• [PROBLEM DESCRIPTION] The output should be the line containing "p27 = place(p24, frame((23.175, 0.0, 0.0)))" and every later line of the records, exactly as written, and nothing else.
*** RECORDS TO USE ***
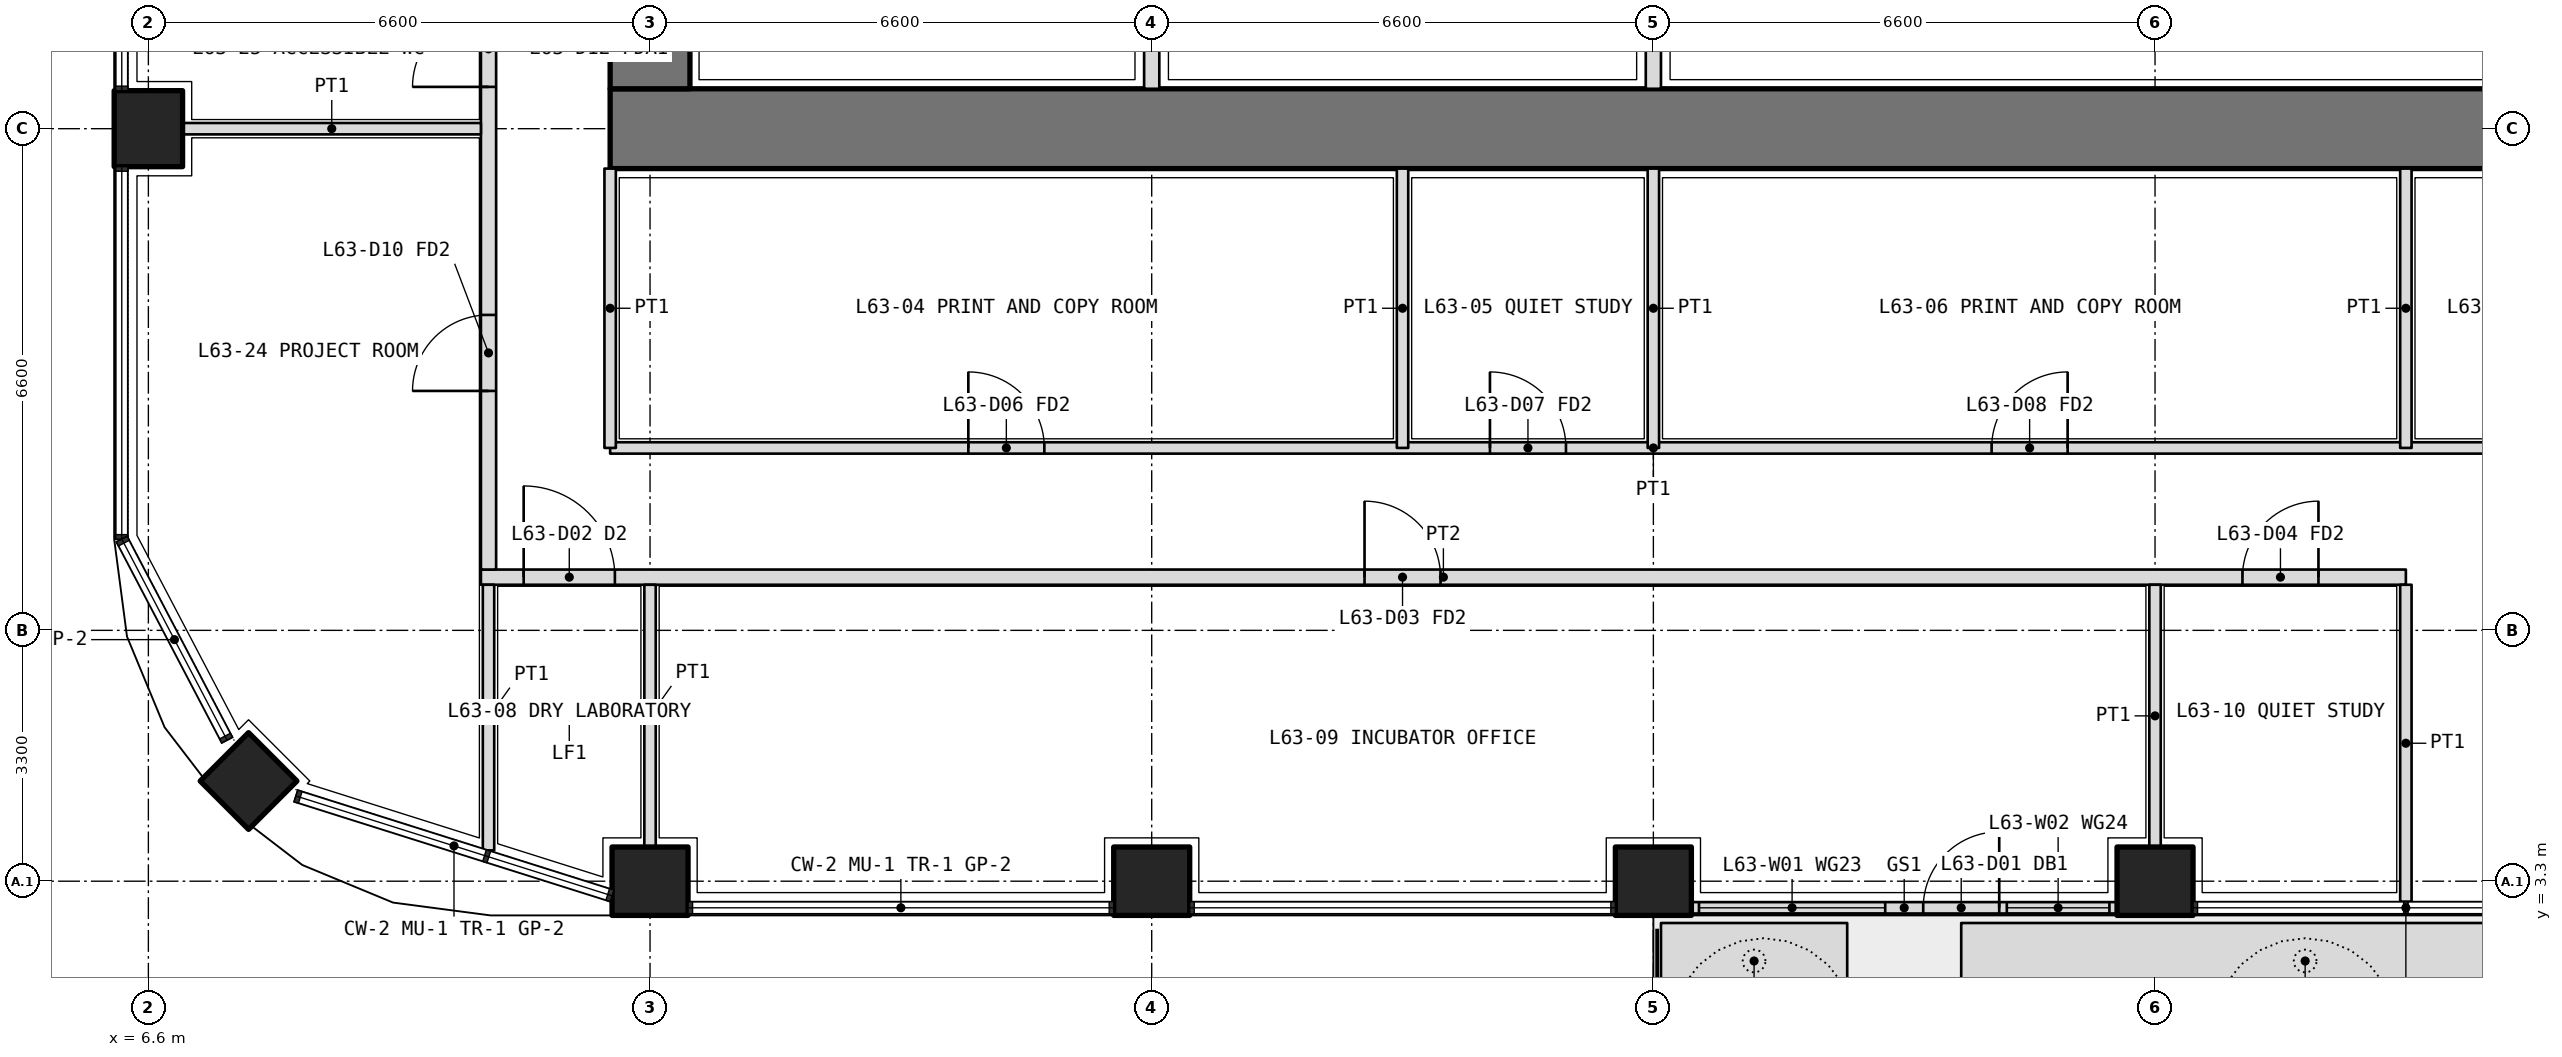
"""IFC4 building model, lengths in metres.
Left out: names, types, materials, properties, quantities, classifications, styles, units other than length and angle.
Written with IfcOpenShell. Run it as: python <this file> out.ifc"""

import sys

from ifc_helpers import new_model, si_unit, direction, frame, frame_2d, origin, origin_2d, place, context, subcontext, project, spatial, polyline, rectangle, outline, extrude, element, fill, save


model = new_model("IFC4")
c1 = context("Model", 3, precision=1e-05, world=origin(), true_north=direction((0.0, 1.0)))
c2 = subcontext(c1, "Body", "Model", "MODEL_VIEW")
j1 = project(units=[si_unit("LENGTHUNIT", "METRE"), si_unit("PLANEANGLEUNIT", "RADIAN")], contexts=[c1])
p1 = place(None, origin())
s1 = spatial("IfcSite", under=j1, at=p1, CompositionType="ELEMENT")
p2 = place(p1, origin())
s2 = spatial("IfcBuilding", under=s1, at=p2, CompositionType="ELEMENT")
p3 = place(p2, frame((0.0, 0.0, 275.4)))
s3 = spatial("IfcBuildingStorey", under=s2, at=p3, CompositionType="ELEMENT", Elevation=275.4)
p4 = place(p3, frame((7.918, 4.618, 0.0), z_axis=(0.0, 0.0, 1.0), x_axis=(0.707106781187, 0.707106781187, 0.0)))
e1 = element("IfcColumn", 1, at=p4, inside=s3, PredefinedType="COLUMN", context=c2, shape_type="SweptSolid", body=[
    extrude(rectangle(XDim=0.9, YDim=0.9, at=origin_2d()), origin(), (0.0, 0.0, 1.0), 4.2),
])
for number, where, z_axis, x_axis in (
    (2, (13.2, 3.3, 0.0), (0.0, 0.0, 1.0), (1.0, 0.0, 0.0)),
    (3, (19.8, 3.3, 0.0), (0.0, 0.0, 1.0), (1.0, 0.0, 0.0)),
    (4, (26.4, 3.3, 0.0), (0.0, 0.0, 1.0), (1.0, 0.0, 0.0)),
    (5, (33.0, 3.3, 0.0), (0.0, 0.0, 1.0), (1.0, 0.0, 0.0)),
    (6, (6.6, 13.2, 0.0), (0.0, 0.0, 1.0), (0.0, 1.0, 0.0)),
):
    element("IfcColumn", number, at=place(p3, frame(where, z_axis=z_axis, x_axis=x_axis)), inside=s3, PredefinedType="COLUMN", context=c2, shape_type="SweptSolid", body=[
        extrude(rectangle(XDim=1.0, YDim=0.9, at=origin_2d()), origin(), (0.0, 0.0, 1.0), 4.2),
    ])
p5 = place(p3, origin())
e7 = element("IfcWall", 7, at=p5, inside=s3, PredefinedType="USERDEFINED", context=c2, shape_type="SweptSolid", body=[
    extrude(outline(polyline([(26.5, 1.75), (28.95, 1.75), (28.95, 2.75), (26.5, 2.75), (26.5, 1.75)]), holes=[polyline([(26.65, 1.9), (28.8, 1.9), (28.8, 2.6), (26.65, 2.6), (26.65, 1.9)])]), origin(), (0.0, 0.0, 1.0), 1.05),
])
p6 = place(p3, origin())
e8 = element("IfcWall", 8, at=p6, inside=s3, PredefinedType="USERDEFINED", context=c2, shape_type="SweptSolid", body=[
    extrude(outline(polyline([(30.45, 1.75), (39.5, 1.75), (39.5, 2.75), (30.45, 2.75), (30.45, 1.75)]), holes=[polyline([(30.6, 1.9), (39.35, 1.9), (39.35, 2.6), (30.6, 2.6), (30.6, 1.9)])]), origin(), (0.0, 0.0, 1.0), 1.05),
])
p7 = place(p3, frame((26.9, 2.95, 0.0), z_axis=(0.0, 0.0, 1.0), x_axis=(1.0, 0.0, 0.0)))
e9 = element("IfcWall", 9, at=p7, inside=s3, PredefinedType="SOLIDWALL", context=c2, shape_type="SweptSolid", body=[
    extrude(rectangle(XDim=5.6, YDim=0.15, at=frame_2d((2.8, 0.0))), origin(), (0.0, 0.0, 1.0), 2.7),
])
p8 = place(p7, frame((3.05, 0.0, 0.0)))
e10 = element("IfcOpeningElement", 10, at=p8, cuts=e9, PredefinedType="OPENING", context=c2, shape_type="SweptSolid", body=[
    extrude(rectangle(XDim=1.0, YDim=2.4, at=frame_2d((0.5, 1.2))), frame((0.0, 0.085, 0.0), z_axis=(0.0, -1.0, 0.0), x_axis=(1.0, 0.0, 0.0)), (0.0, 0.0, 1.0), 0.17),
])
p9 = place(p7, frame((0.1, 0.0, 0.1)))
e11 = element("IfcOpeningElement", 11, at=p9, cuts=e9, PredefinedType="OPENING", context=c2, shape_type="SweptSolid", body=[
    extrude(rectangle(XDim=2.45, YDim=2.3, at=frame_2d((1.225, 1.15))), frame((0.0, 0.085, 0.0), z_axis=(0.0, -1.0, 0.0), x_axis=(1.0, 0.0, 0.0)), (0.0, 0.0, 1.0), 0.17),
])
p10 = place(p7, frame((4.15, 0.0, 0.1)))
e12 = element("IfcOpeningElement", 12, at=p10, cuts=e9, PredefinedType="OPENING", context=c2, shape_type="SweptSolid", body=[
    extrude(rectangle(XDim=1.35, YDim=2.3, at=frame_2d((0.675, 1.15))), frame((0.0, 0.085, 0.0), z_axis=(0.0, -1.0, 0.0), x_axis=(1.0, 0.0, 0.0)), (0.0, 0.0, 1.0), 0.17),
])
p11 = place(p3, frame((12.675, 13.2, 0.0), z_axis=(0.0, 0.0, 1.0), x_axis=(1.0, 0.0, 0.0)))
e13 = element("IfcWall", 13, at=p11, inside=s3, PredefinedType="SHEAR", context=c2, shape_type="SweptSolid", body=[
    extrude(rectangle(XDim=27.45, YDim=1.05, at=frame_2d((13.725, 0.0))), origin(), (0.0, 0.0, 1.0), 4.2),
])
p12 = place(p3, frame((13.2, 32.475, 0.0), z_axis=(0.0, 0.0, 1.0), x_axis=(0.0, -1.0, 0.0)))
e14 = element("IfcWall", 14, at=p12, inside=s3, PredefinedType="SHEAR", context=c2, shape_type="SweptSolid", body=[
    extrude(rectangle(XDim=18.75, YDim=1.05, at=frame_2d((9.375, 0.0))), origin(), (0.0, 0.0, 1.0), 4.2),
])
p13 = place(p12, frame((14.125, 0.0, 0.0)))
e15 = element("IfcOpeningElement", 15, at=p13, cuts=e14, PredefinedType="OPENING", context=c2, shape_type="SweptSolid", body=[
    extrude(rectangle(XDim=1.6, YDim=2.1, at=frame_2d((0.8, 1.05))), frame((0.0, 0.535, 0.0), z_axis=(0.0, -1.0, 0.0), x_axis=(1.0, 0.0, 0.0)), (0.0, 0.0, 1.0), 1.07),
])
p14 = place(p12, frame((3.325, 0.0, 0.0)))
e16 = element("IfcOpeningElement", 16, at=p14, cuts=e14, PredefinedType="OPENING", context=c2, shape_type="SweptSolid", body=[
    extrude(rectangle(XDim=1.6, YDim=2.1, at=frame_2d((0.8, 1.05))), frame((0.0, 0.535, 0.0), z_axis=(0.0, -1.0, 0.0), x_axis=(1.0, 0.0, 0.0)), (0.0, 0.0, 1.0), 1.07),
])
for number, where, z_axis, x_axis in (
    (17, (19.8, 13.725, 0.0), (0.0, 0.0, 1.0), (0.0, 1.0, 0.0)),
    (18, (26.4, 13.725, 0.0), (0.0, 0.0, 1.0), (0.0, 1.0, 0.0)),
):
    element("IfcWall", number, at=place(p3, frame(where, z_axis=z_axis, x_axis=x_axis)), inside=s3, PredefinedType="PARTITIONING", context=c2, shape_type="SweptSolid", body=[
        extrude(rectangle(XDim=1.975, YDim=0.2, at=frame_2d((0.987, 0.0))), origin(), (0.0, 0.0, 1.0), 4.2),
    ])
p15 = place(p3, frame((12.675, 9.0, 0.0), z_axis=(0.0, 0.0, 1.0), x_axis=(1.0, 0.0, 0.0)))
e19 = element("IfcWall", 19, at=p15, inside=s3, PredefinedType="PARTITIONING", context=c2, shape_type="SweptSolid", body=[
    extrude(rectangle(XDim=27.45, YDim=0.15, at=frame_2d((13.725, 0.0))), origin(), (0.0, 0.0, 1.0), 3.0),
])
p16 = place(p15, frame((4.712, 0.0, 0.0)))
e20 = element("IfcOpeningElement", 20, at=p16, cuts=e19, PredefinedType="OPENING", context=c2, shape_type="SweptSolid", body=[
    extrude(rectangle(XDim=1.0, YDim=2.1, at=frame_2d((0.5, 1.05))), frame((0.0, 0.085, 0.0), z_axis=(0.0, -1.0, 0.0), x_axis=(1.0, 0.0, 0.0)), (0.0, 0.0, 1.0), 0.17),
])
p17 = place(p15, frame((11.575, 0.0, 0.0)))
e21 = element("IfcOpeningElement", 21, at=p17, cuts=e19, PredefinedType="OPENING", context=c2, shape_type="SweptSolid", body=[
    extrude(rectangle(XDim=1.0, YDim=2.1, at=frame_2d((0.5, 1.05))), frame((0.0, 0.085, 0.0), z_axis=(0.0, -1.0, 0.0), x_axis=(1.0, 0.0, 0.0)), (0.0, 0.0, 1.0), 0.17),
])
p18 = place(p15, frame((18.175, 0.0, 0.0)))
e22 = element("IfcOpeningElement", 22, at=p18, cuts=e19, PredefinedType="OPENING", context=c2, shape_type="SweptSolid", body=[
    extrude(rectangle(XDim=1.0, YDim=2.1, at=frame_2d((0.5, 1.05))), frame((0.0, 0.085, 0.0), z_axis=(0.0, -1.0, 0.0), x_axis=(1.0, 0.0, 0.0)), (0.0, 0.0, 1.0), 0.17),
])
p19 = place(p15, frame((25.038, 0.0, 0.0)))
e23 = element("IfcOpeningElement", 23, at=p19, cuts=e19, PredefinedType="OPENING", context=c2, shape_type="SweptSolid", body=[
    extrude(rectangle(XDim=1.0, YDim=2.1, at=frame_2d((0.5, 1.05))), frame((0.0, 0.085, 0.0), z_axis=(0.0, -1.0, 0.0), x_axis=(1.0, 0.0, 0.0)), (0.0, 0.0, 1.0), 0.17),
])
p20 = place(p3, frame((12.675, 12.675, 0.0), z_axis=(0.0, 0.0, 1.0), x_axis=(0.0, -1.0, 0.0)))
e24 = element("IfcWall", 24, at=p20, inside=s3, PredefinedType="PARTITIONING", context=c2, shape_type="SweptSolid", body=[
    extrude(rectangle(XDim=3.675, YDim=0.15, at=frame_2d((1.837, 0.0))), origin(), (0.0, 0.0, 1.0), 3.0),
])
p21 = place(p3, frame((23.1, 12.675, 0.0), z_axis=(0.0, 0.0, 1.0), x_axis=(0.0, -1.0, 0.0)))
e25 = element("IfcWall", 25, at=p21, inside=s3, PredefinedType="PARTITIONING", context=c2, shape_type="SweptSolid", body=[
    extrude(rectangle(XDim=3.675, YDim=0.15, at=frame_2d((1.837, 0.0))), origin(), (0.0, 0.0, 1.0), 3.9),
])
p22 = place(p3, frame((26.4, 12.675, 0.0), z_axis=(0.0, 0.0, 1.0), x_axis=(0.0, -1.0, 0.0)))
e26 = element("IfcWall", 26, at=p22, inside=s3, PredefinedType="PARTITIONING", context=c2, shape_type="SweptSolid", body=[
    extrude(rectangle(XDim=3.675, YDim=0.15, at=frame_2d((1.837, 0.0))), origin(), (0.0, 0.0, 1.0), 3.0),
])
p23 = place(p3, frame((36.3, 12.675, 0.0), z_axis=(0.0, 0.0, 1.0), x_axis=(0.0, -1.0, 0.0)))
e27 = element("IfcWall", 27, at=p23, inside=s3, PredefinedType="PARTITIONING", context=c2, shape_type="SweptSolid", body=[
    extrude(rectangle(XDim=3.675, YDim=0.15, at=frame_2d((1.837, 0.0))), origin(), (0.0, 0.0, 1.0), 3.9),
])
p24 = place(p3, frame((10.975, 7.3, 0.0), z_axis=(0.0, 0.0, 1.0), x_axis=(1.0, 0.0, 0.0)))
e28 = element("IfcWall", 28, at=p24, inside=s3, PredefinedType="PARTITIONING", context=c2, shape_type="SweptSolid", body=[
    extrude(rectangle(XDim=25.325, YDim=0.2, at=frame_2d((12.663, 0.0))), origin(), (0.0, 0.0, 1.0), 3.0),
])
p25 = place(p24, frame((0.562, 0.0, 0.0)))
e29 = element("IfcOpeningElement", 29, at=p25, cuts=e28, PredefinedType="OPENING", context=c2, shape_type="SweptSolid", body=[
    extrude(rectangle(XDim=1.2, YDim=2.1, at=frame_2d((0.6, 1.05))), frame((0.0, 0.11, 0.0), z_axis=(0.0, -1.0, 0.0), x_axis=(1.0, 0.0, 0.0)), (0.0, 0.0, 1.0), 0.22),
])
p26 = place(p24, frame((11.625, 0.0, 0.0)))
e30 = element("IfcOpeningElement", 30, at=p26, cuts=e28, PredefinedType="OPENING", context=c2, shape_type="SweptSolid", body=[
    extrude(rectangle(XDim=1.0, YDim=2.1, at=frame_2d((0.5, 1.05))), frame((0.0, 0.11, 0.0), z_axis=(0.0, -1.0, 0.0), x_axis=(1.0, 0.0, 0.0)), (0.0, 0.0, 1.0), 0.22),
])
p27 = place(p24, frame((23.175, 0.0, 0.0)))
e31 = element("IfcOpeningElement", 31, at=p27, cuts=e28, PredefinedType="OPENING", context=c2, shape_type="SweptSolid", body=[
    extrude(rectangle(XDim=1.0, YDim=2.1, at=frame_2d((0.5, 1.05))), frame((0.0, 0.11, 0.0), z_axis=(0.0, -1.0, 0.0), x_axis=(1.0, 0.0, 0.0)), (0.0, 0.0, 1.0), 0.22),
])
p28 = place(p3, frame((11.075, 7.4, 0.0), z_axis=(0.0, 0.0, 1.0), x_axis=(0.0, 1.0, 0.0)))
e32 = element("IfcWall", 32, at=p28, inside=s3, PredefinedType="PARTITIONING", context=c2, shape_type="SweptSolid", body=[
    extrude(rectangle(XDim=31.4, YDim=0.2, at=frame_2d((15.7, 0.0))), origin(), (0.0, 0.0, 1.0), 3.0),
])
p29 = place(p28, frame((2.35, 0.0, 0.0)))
***
• [WRITTEN ANSWER]
p27 = place(p24, frame((23.175, 0.0, 0.0)))
e31 = element("IfcOpeningElement", 31, at=p27, cuts=e28, PredefinedType="OPENING", context=c2, shape_type="SweptSolid", body=[
    extrude(rectangle(XDim=1.0, YDim=2.1, at=frame_2d((0.5, 1.05))), frame((0.0, 0.11, 0.0), z_axis=(0.0, -1.0, 0.0), x_axis=(1.0, 0.0, 0.0)), (0.0, 0.0, 1.0), 0.22),
])
p28 = place(p3, frame((11.075, 7.4, 0.0), z_axis=(0.0, 0.0, 1.0), x_axis=(0.0, 1.0, 0.0)))
e32 = element("IfcWall", 32, at=p28, inside=s3, PredefinedType="PARTITIONING", context=c2, shape_type="SweptSolid", body=[
    extrude(rectangle(XDim=31.4, YDim=0.2, at=frame_2d((15.7, 0.0))), origin(), (0.0, 0.0, 1.0), 3.0),
])
p29 = place(p28, frame((2.35, 0.0, 0.0)))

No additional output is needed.